**Task to complete:** Count up the lines in the listing below that hold "under", and answer with the total alone.

(Exercise materials begins)

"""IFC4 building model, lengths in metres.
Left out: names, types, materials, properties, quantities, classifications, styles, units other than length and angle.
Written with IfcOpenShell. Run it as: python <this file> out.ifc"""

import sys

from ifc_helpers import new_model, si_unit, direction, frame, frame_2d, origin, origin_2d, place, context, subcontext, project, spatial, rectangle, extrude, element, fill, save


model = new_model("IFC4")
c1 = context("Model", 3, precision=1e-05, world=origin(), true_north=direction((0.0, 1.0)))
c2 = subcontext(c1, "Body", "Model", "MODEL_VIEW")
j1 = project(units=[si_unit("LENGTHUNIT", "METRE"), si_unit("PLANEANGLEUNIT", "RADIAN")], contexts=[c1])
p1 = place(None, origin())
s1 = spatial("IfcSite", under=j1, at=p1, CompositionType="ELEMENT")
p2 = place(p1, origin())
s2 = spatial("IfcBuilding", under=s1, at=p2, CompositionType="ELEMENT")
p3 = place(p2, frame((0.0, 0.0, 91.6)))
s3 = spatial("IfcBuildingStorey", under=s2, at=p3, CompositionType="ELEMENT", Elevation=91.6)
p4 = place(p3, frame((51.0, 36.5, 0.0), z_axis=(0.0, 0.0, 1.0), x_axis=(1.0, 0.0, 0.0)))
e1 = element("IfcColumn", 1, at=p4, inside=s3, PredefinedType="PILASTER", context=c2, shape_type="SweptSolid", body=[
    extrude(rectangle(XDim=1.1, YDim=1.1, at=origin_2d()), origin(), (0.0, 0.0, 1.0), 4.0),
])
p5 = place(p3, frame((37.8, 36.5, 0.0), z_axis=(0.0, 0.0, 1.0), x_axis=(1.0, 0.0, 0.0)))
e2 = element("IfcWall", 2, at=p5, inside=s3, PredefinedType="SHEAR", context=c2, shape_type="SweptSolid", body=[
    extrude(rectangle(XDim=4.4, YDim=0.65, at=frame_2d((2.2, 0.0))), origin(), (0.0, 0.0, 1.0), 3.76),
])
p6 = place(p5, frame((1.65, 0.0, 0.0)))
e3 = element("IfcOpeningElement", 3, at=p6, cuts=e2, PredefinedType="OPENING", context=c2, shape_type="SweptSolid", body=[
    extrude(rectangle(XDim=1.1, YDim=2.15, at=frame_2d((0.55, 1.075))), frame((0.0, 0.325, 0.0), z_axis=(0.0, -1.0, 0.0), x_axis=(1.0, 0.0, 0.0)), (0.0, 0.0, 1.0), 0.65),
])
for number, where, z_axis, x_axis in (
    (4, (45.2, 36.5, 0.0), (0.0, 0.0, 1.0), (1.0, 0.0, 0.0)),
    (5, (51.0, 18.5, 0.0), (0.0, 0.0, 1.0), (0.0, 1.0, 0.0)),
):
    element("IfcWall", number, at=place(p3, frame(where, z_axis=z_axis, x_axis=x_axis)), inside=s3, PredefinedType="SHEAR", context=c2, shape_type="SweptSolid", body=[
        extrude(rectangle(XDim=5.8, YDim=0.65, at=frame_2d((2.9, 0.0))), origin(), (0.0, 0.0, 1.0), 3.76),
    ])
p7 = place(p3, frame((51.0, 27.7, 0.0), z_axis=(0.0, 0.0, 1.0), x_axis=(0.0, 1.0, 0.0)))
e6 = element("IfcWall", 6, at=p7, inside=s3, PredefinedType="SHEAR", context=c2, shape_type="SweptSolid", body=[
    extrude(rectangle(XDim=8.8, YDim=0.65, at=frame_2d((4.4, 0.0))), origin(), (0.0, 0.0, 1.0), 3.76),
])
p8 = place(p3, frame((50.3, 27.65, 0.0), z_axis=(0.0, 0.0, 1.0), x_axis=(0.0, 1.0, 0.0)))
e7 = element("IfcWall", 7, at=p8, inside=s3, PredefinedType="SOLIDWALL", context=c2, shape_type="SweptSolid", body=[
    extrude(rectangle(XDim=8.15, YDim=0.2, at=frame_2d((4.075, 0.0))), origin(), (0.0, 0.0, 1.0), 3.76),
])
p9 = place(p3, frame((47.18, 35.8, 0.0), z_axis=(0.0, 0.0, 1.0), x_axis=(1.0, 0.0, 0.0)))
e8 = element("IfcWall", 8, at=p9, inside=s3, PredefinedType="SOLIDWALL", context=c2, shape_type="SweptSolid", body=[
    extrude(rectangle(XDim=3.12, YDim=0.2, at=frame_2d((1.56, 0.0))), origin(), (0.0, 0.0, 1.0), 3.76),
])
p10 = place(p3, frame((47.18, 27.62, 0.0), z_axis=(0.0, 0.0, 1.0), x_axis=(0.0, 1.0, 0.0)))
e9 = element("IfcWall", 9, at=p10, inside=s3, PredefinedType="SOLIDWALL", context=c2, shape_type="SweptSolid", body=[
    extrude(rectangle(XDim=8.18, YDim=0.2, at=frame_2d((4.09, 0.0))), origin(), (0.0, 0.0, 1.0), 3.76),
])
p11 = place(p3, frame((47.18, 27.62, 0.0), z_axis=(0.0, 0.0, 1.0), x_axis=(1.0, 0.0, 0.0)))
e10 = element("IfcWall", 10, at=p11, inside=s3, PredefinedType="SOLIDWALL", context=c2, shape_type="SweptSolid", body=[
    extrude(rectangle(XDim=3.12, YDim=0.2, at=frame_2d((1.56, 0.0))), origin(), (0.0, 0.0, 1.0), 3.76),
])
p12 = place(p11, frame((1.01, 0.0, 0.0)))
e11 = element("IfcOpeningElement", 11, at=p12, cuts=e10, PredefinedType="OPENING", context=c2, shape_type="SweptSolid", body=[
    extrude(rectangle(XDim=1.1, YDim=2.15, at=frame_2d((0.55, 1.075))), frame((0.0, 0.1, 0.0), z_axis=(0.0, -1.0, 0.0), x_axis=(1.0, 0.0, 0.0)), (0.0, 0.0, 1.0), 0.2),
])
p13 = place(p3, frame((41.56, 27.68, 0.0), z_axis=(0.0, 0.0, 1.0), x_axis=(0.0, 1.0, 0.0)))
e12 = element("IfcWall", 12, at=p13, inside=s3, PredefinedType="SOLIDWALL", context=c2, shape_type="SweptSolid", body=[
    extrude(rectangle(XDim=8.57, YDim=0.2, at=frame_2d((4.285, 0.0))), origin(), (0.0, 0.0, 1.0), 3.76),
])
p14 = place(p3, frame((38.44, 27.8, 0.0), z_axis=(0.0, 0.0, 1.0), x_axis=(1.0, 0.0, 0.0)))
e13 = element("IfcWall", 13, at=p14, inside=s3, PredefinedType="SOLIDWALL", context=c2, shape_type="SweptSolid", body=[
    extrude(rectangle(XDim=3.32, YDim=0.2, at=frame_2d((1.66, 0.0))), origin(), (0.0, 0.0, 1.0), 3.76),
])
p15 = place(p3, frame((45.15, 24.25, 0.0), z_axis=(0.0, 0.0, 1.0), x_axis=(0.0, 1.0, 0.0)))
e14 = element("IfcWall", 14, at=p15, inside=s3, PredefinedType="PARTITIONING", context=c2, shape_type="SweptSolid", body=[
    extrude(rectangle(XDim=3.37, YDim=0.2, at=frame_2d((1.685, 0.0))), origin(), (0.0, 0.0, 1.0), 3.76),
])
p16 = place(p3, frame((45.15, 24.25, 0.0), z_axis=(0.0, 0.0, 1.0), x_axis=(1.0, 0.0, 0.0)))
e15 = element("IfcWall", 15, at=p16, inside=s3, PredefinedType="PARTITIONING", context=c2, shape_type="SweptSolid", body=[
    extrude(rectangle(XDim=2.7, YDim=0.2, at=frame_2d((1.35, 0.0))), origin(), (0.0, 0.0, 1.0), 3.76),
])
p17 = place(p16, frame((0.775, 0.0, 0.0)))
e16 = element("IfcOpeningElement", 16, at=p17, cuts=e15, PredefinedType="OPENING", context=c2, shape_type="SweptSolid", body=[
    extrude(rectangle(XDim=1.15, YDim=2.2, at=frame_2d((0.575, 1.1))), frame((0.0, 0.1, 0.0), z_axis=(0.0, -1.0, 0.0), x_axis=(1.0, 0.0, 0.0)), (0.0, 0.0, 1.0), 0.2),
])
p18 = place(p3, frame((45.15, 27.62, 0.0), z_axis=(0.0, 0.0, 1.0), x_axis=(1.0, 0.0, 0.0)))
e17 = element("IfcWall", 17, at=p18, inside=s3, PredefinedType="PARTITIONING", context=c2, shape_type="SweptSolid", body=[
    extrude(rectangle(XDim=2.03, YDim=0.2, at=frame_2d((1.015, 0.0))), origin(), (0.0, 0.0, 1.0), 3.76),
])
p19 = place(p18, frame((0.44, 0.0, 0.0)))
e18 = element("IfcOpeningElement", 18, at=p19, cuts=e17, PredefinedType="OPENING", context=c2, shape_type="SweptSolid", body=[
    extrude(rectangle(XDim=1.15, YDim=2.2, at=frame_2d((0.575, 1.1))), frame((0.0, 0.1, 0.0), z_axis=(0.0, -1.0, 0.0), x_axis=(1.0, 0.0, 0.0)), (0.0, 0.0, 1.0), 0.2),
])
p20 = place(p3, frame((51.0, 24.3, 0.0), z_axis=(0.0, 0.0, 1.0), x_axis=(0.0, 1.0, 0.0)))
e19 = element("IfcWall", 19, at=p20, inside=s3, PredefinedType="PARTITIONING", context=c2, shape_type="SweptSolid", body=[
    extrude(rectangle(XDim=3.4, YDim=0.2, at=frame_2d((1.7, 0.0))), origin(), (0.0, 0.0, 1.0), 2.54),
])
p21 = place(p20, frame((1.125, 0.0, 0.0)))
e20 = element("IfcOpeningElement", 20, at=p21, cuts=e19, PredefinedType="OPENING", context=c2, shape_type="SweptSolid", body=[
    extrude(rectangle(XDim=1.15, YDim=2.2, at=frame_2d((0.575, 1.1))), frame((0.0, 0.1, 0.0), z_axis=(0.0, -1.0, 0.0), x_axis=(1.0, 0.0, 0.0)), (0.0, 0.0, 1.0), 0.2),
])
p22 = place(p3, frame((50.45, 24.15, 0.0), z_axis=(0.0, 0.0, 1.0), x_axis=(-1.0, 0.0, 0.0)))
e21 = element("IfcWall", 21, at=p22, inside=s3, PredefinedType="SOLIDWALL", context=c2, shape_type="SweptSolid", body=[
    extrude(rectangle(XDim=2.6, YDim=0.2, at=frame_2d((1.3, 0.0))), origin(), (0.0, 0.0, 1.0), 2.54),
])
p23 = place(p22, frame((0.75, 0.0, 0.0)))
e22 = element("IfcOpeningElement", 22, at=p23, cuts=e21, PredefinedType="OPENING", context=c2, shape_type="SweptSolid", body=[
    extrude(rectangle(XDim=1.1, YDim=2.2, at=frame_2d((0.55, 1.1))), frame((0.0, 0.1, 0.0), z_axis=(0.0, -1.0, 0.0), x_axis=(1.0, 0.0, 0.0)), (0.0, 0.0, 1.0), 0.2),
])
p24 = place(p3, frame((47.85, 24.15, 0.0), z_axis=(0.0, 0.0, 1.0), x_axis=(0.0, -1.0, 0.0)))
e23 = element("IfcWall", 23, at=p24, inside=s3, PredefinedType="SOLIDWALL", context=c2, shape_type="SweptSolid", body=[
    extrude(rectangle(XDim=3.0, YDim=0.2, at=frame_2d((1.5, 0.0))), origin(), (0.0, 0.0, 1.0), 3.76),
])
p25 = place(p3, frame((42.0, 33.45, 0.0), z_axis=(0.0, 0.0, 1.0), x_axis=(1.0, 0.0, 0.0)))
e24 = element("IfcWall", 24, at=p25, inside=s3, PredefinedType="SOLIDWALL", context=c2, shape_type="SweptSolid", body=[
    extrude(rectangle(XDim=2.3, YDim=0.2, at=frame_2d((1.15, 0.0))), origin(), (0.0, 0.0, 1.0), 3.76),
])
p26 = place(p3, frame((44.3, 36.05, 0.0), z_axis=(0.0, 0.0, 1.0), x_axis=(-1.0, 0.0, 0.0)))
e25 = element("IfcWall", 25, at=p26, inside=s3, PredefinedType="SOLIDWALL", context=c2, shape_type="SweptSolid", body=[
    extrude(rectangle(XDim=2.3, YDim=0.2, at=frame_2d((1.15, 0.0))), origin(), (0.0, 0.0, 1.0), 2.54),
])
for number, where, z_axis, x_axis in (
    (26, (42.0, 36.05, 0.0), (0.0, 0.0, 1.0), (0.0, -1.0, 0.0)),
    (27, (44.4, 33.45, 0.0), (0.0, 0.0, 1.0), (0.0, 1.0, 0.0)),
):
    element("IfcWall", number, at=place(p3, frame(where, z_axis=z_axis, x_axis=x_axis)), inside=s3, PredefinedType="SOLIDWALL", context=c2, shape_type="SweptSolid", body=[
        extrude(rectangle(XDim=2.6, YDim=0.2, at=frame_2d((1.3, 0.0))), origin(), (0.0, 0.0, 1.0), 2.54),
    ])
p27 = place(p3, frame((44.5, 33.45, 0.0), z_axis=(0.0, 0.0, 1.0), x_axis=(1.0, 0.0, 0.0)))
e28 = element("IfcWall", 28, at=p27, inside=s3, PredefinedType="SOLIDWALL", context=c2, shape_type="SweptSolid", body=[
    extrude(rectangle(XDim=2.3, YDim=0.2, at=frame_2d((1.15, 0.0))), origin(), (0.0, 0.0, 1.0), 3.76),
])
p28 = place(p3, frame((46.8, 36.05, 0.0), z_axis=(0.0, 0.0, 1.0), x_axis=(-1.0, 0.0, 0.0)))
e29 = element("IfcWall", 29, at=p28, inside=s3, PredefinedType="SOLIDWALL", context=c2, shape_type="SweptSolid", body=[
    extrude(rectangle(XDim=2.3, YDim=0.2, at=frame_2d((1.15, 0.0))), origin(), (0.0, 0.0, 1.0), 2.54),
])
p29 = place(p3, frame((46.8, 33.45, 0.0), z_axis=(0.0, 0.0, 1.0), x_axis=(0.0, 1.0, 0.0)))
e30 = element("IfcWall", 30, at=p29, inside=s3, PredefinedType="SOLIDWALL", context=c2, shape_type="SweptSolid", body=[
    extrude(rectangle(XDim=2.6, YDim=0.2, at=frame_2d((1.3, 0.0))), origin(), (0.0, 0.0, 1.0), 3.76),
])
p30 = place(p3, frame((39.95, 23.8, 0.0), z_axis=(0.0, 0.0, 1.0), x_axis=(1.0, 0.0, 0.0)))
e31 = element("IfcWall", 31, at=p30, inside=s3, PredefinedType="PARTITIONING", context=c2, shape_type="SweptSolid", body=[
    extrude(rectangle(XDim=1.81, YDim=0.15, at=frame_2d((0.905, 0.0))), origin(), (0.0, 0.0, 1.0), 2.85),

(Exercise materials ends)

**Task result:** 3